----- RECORDS SUPPLIED

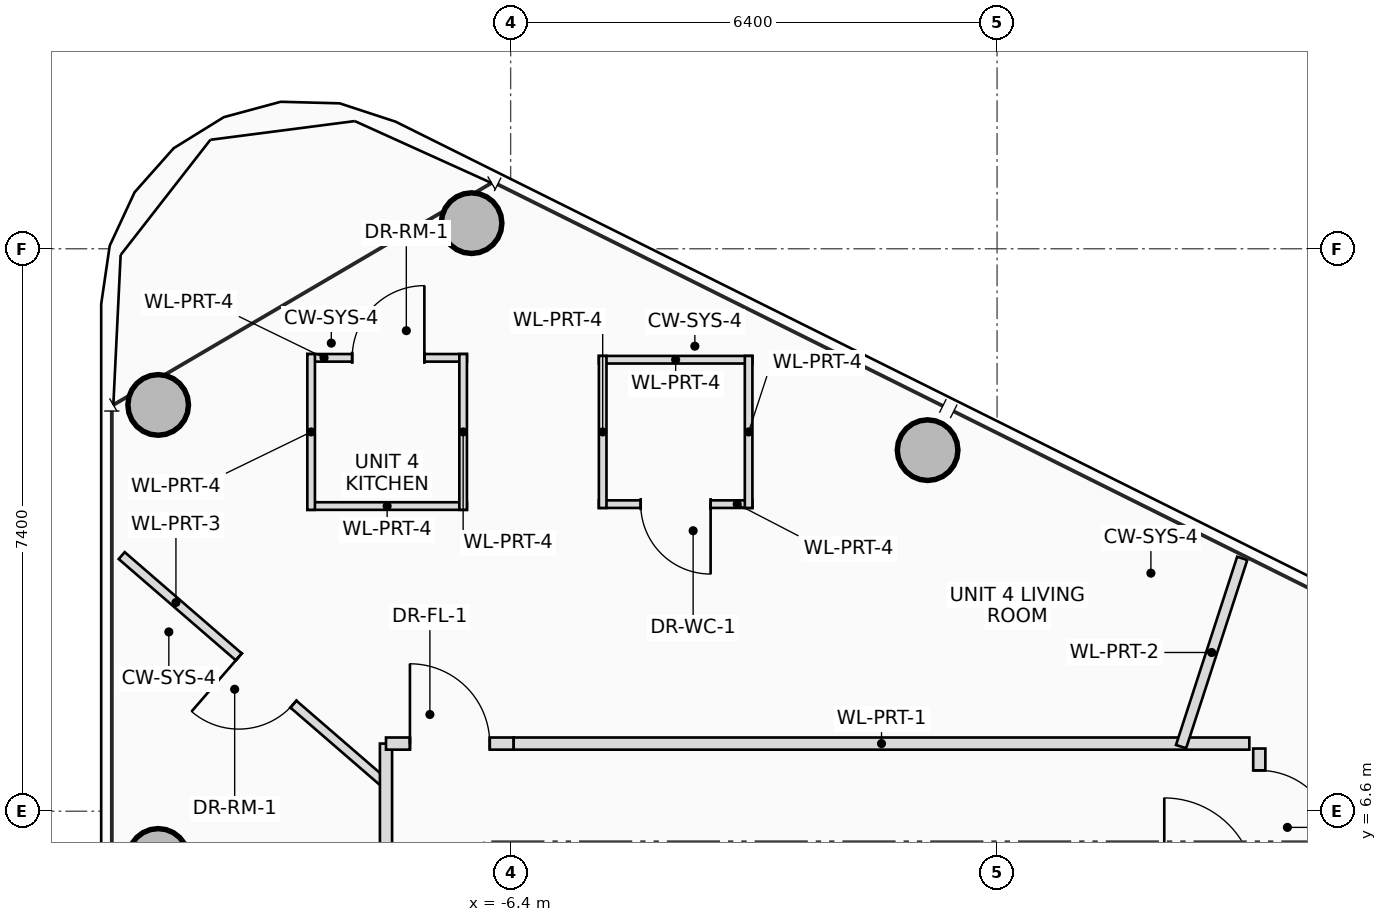
"""IFC4 building model, lengths in metres.
Left out: names, types, materials, properties, quantities, classifications, styles, units other than length and angle.
Written with IfcOpenShell. Run it as: python <this file> out.ifc"""

import sys

from ifc_helpers import new_model, si_unit, direction, frame, frame_2d, origin, origin_2d, place, context, subcontext, project, spatial, rectangle, hollow_circle, extrude, source, transform, mapped, element, fill, save


model = new_model("IFC4")
c1 = context("Model", 3, precision=1e-05, world=origin(), true_north=direction((0.0, 1.0)))
c2 = subcontext(c1, "Body", "Model", "MODEL_VIEW")
j1 = project(units=[si_unit("LENGTHUNIT", "METRE"), si_unit("PLANEANGLEUNIT", "RADIAN")], contexts=[c1])
p1 = place(None, origin())
s1 = spatial("IfcSite", under=j1, at=p1, CompositionType="ELEMENT")
p2 = place(p1, origin())
s2 = spatial("IfcBuilding", under=s1, at=p2, CompositionType="ELEMENT")
p3 = place(p2, frame((0.0, 0.0, 303.65)))
s3 = spatial("IfcBuildingStorey", under=s2, at=p3, CompositionType="ELEMENT", Elevation=303.65)
m1 = source(origin(), c2, "Body", "SweptSolid", [
    extrude(hollow_circle(Radius=0.4, WallThickness=0.028, at=origin_2d()), origin(), (0.0, 0.0, 1.0), 3.45),
])
for number, where, z_axis, x_axis in (
    (1, (-0.914, 11.35, 0.0), (0.0, 0.0, 1.0), (1.0, 0.0, 0.0)),
    (2, (-6.914, 14.337, 0.0), (0.0, 0.0, 1.0), (1.0, 0.0, 0.0)),
    (3, (-11.037, 11.945, 0.0), (0.0, 0.0, 1.0), (1.0, 0.0, 0.0)),
    (4, (-11.037, 5.973, 0.0), (0.0, 0.0, 1.0), (1.0, 0.0, 0.0)),
):
    element("IfcColumn", number, at=place(p3, frame(where, z_axis=z_axis, x_axis=x_axis)), inside=s3, PredefinedType="COLUMN", context=c2, shape_type="MappedRepresentation", body=[
        mapped(m1, transform((0.0, 0.0, 0.0), scale=1.0)),
    ])
p4 = place(p3, frame((-8.07, 6.981, 0.0), z_axis=(0.0, 0.0, 1.0), x_axis=(-0.756280799409, 0.654247164644, 0.0)))
e5 = element("IfcWall", 5, at=p4, inside=s3, PredefinedType="PARTITIONING", context=c2, shape_type="SweptSolid", body=[
    extrude(rectangle(XDim=4.558, YDim=0.12, at=frame_2d((2.279, 0.0))), origin(), (0.0, 0.0, 1.0), 2.815),
])
p5 = place(p4, frame((1.571, 0.0, 0.0)))
e6 = element("IfcOpeningElement", 6, at=p5, cuts=e5, PredefinedType="OPENING", context=c2, shape_type="SweptSolid", body=[
    extrude(rectangle(XDim=0.95, YDim=2.1, at=frame_2d((0.475, 1.05))), frame((0.0, 0.07, 0.0), z_axis=(0.0, -1.0, 0.0), x_axis=(1.0, 0.0, 0.0)), (0.0, 0.0, 1.0), 0.14),
])
p6 = place(p3, frame((-5.239, 12.54, 0.0), z_axis=(0.0, 0.0, 1.0), x_axis=(1.0, 0.0, 0.0)))
e7 = element("IfcWall", 7, at=p6, inside=s3, PredefinedType="PARTITIONING", context=c2, shape_type="SweptSolid", body=[
    extrude(rectangle(XDim=2.02, YDim=0.1, at=frame_2d((1.01, 0.0))), origin(), (0.0, 0.0, 1.0), 2.815),
])
p7 = place(p3, frame((-3.219, 10.64, 0.0), z_axis=(0.0, 0.0, 1.0), x_axis=(-1.0, 0.0, 0.0)))
e8 = element("IfcWall", 8, at=p7, inside=s3, PredefinedType="PARTITIONING", context=c2, shape_type="SweptSolid", body=[
    extrude(rectangle(XDim=2.02, YDim=0.1, at=frame_2d((1.01, 0.0))), origin(), (0.0, 0.0, 1.0), 2.905),
])
p8 = place(p7, frame((0.55, 0.0, 0.0)))
e9 = element("IfcOpeningElement", 9, at=p8, cuts=e8, PredefinedType="OPENING", context=c2, shape_type="SweptSolid", body=[
    extrude(rectangle(XDim=0.92, YDim=2.1, at=frame_2d((0.46, 1.05))), frame((0.0, 0.06, 0.0), z_axis=(0.0, -1.0, 0.0), x_axis=(1.0, 0.0, 0.0)), (0.0, 0.0, 1.0), 0.12),
])
p9 = place(p3, frame((-3.269, 12.59, 0.0), z_axis=(0.0, 0.0, 1.0), x_axis=(0.0, -1.0, 0.0)))
e10 = element("IfcWall", 10, at=p9, inside=s3, PredefinedType="PARTITIONING", context=c2, shape_type="SweptSolid", body=[
    extrude(rectangle(XDim=2.0, YDim=0.1, at=frame_2d((1.0, 0.0))), origin(), (0.0, 0.0, 1.0), 2.815),
])
p10 = place(p3, frame((-5.189, 10.59, 0.0), z_axis=(0.0, 0.0, 1.0), x_axis=(0.0, 1.0, 0.0)))
e11 = element("IfcWall", 11, at=p10, inside=s3, PredefinedType="PARTITIONING", context=c2, shape_type="SweptSolid", body=[
    extrude(rectangle(XDim=2.0, YDim=0.1, at=frame_2d((1.0, 0.0))), origin(), (0.0, 0.0, 1.0), 2.905),
])
p11 = place(p3, frame((-9.075, 12.565, 0.0), z_axis=(0.0, 0.0, 1.0), x_axis=(1.0, 0.0, 0.0)))
e12 = element("IfcWall", 12, at=p11, inside=s3, PredefinedType="PARTITIONING", context=c2, shape_type="SweptSolid", body=[
    extrude(rectangle(XDim=2.1, YDim=0.1, at=frame_2d((1.05, 0.0))), origin(), (0.0, 0.0, 1.0), 3.25),
])
p12 = place(p11, frame((0.59, 0.0, 0.0)))
e13 = element("IfcOpeningElement", 13, at=p12, cuts=e12, PredefinedType="OPENING", context=c2, shape_type="SweptSolid", body=[
    extrude(rectangle(XDim=0.95, YDim=2.1, at=frame_2d((0.475, 1.05))), frame((0.0, 0.06, 0.0), z_axis=(0.0, -1.0, 0.0), x_axis=(1.0, 0.0, 0.0)), (0.0, 0.0, 1.0), 0.12),
])
p13 = place(p3, frame((-6.975, 10.615, 0.0), z_axis=(0.0, 0.0, 1.0), x_axis=(-1.0, 0.0, 0.0)))
e14 = element("IfcWall", 14, at=p13, inside=s3, PredefinedType="PARTITIONING", context=c2, shape_type="SweptSolid", body=[
    extrude(rectangle(XDim=2.1, YDim=0.1, at=frame_2d((1.05, 0.0))), origin(), (0.0, 0.0, 1.0), 2.905),
])
p14 = place(p3, frame((-7.025, 12.615, 0.0), z_axis=(0.0, 0.0, 1.0), x_axis=(0.0, -1.0, 0.0)))
e15 = element("IfcWall", 15, at=p14, inside=s3, PredefinedType="PARTITIONING", context=c2, shape_type="SweptSolid", body=[
    extrude(rectangle(XDim=2.05, YDim=0.1, at=frame_2d((1.025, 0.0))), origin(), (0.0, 0.0, 1.0), 2.905),
])
p15 = place(p3, frame((-9.025, 10.565, 0.0), z_axis=(0.0, 0.0, 1.0), x_axis=(0.0, 1.0, 0.0)))
e16 = element("IfcWall", 16, at=p15, inside=s3, PredefinedType="PARTITIONING", context=c2, shape_type="SweptSolid", body=[
    extrude(rectangle(XDim=2.05, YDim=0.1, at=frame_2d((1.025, 0.0))), origin(), (0.0, 0.0, 1.0), 3.25),
])
p16 = place(p3, frame((-8.04, 5.85, 0.0), z_axis=(0.0, 0.0, 1.0), x_axis=(0.0, 1.0, 0.0)))
e17 = element("IfcWall", 17, at=p16, inside=s3, PredefinedType="PARTITIONING", context=c2, shape_type="SweptSolid", body=[
    extrude(rectangle(XDim=1.64, YDim=0.16, at=frame_2d((0.82, 0.0))), origin(), (0.0, 0.0, 1.0), 2.905),
])
p17 = place(p3, frame((-8.04, 7.49, 0.0), z_axis=(0.0, 0.0, 1.0), x_axis=(1.0, 0.0, 0.0)))
e18 = element("IfcWall", 18, at=p17, inside=s3, PredefinedType="PARTITIONING", context=c2, shape_type="SweptSolid", body=[
    extrude(rectangle(XDim=1.68, YDim=0.16, at=frame_2d((0.84, 0.0))), origin(), (0.0, 0.0, 1.0), 2.655),
])
p18 = place(p17, frame((0.315, 0.0, 0.0)))
e19 = element("IfcOpeningElement", 19, at=p18, cuts=e18, PredefinedType="OPENING", context=c2, shape_type="SweptSolid", body=[
    extrude(rectangle(XDim=1.05, YDim=2.2, at=frame_2d((0.525, 1.1))), frame((0.0, 0.09, 0.0), z_axis=(0.0, -1.0, 0.0), x_axis=(1.0, 0.0, 0.0)), (0.0, 0.0, 1.0), 0.18),
])
p19 = place(p3, frame((-6.36, 7.49, 0.0), z_axis=(0.0, 0.0, 1.0), x_axis=(1.0, 0.0, 0.0)))
e20 = element("IfcWall", 20, at=p19, inside=s3, PredefinedType="PARTITIONING", context=c2, shape_type="SweptSolid", body=[
    extrude(rectangle(XDim=9.679, YDim=0.16, at=frame_2d((4.84, 0.0))), origin(), (0.0, 0.0, 1.0), 2.655),
])
p20 = place(p3, frame((3.45, 7.425, 0.0), z_axis=(0.0, 0.0, 1.0), x_axis=(0.0, -1.0, 0.0)))
e21 = element("IfcWall", 21, at=p20, inside=s3, PredefinedType="PARTITIONING", context=c2, shape_type="SweptSolid", body=[
    extrude(rectangle(XDim=1.575, YDim=0.16, at=frame_2d((0.787, 0.0))), origin(), (0.0, 0.0, 1.0), 2.855),
])
p21 = place(p20, frame((0.287, 0.0, 0.0)))
e22 = element("IfcOpeningElement", 22, at=p21, cuts=e21, PredefinedType="OPENING", context=c2, shape_type="SweptSolid", body=[
    extrude(rectangle(XDim=1.0, YDim=2.25, at=frame_2d((0.5, 1.125))), frame((0.0, 0.09, 0.0), z_axis=(0.0, -1.0, 0.0), x_axis=(1.0, 0.0, 0.0)), (0.0, 0.0, 1.0), 0.18),
])
p22 = place(p3, frame((2.421, 7.45, 0.0), z_axis=(0.0, 0.0, 1.0), x_axis=(0.309047920595, 0.951046467201, 0.0)))
e23 = element("IfcWall", 23, at=p22, inside=s3, PredefinedType="PARTITIONING", context=c2, shape_type="SweptSolid", body=[
    extrude(rectangle(XDim=2.604, YDim=0.14, at=frame_2d((1.302, 0.0))), origin(), (0.0, 0.0, 1.0), 2.815),
])
p23 = place(p5, origin())
e24 = element("IfcDoor", 24, at=p23, inside=s3, OperationType="SINGLE_SWING_RIGHT", PredefinedType="DOOR", context=c2, shape_type="SweptSolid", body=[
    extrude(rectangle(XDim=0.95, YDim=2.1, at=frame_2d((0.475, 1.05))), frame((0.0, 0.025, 0.0), z_axis=(0.0, -1.0, 0.0), x_axis=(1.0, 0.0, 0.0)), (0.0, 0.0, 1.0), 0.05),
])
fill(e6, e24)
p24 = place(p8, origin())
e25 = element("IfcDoor", 25, at=p24, inside=s3, OperationType="SINGLE_SWING_LEFT", PredefinedType="DOOR", context=c2, shape_type="SweptSolid", body=[
    extrude(rectangle(XDim=0.92, YDim=2.1, at=frame_2d((0.46, 1.05))), frame((0.0, 0.025, 0.0), z_axis=(0.0, -1.0, 0.0), x_axis=(1.0, 0.0, 0.0)), (0.0, 0.0, 1.0), 0.05),
])
fill(e9, e25)
p25 = place(p12, origin())
e26 = element("IfcDoor", 26, at=p25, inside=s3, OperationType="SINGLE_SWING_RIGHT", PredefinedType="DOOR", context=c2, shape_type="SweptSolid", body=[
    extrude(rectangle(XDim=0.95, YDim=2.1, at=frame_2d((0.475, 1.05))), frame((0.0, 0.025, 0.0), z_axis=(0.0, -1.0, 0.0), x_axis=(1.0, 0.0, 0.0)), (0.0, 0.0, 1.0), 0.05),
])
fill(e13, e26)
p26 = place(p18, origin())
e27 = element("IfcDoor", 27, at=p26, inside=s3, OperationType="SINGLE_SWING_LEFT", PredefinedType="DOOR", context=c2, shape_type="SweptSolid", body=[
    extrude(rectangle(XDim=1.05, YDim=2.2, at=frame_2d((0.525, 1.1))), frame((0.0, 0.025, 0.0), z_axis=(0.0, -1.0, 0.0), x_axis=(1.0, 0.0, 0.0)), (0.0, 0.0, 1.0), 0.05),
])
fill(e19, e27)
p27 = place(p21, origin())
e28 = element("IfcDoor", 28, at=p27, inside=s3, OperationType="SINGLE_SWING_RIGHT", PredefinedType="DOOR", context=c2, shape_type="SweptSolid", body=[
    extrude(rectangle(XDim=1.0, YDim=2.25, at=frame_2d((0.5, 1.125))), frame((0.0, 0.025, 0.0), z_axis=(0.0, -1.0, 0.0), x_axis=(1.0, 0.0, 0.0)), (0.0, 0.0, 1.0), 0.05),
])
fill(e22, e28)
save(model, sys.argv[1])

----------

_ACTIVITY_
With "where" as the word to match, copy each line of the records that has it.

_ANSWER BOX_
for number, where, z_axis, x_axis in (
    element("IfcColumn", number, at=place(p3, frame(where, z_axis=z_axis, x_axis=x_axis)), inside=s3, PredefinedType="COLUMN", context=c2, shape_type="MappedRepresentation", body=[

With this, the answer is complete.